- **What the exercise asks**: If a line in the entries contains the string "where", include that line in your answer.

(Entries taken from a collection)

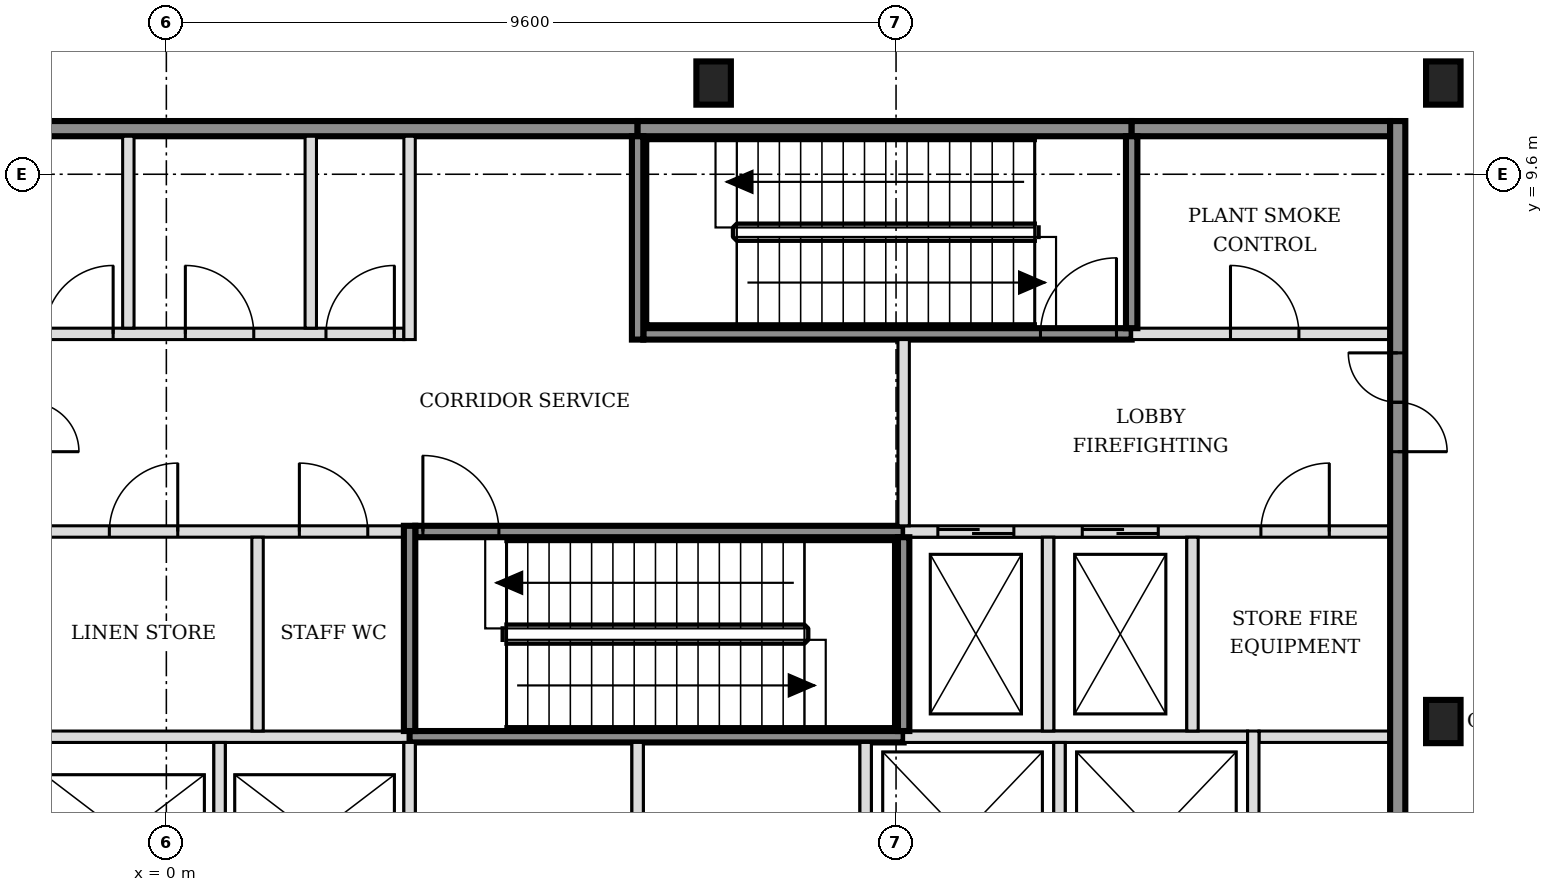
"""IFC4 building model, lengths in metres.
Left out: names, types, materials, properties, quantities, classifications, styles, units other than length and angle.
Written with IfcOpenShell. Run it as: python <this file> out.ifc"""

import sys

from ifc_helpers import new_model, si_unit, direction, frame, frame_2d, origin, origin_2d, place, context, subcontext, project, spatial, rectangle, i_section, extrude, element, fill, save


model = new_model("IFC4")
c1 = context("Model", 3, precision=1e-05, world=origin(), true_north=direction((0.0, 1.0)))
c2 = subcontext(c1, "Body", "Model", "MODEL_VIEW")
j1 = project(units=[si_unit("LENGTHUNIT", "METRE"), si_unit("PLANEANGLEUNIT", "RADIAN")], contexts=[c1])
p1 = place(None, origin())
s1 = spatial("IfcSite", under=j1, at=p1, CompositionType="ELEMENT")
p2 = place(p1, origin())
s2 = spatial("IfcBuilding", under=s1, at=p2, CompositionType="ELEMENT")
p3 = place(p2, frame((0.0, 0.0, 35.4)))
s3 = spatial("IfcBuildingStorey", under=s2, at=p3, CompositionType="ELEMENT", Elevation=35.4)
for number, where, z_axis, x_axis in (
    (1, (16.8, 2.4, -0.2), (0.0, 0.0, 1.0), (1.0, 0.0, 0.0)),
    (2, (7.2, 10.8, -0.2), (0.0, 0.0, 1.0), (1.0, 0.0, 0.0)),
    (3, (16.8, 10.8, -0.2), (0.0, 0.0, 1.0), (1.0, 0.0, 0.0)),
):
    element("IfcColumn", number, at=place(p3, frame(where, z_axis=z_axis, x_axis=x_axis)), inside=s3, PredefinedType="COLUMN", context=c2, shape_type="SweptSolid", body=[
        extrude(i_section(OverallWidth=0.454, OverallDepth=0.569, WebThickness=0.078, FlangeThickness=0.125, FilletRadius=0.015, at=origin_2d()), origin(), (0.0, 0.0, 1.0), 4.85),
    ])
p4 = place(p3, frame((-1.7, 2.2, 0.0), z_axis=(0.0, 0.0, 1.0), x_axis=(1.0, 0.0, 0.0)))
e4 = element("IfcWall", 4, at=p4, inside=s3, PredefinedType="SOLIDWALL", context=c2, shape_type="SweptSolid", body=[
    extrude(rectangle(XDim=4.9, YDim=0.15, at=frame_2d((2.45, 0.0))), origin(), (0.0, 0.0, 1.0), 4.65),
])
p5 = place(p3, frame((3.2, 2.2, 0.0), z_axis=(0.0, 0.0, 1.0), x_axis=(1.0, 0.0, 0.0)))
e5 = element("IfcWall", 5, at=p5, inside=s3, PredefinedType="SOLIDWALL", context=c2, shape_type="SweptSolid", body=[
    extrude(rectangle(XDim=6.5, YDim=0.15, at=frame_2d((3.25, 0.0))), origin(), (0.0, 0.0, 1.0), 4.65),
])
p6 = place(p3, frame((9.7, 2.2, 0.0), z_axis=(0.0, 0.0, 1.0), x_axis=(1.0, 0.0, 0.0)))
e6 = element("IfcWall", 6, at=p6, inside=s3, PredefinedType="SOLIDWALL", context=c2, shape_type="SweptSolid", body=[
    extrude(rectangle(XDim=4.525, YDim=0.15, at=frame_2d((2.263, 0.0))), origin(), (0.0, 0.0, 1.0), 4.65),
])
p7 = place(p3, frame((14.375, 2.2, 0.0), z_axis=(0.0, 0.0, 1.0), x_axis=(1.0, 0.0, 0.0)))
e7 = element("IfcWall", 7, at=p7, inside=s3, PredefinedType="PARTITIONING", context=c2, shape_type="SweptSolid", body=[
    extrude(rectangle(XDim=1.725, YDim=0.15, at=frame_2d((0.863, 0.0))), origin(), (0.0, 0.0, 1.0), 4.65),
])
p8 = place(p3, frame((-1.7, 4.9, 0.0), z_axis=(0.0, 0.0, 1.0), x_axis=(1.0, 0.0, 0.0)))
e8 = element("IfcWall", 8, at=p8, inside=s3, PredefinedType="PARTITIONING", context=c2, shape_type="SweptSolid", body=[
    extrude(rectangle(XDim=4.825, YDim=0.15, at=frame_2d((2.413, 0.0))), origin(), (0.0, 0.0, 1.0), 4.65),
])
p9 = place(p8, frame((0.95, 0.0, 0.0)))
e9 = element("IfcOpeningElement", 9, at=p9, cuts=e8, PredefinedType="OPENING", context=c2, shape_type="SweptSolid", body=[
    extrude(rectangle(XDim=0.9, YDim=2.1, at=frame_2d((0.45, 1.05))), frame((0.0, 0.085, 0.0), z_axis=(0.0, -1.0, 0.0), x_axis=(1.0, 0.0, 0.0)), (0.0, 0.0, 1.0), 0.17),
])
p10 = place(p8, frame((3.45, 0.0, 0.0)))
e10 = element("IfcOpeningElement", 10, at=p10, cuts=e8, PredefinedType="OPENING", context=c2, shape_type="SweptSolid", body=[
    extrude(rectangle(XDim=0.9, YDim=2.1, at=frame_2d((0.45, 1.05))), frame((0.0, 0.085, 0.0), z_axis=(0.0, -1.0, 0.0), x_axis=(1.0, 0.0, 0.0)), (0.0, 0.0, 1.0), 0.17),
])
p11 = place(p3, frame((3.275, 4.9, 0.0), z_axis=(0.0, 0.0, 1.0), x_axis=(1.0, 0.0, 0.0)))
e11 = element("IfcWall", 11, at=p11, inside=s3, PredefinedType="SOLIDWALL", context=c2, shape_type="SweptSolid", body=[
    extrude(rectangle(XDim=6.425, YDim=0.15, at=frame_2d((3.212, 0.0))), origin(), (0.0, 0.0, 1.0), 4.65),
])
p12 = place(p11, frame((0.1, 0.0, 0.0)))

- **Expected answer**:
for number, where, z_axis, x_axis in (
    element("IfcColumn", number, at=place(p3, frame(where, z_axis=z_axis, x_axis=x_axis)), inside=s3, PredefinedType="COLUMN", context=c2, shape_type="SweptSolid", body=[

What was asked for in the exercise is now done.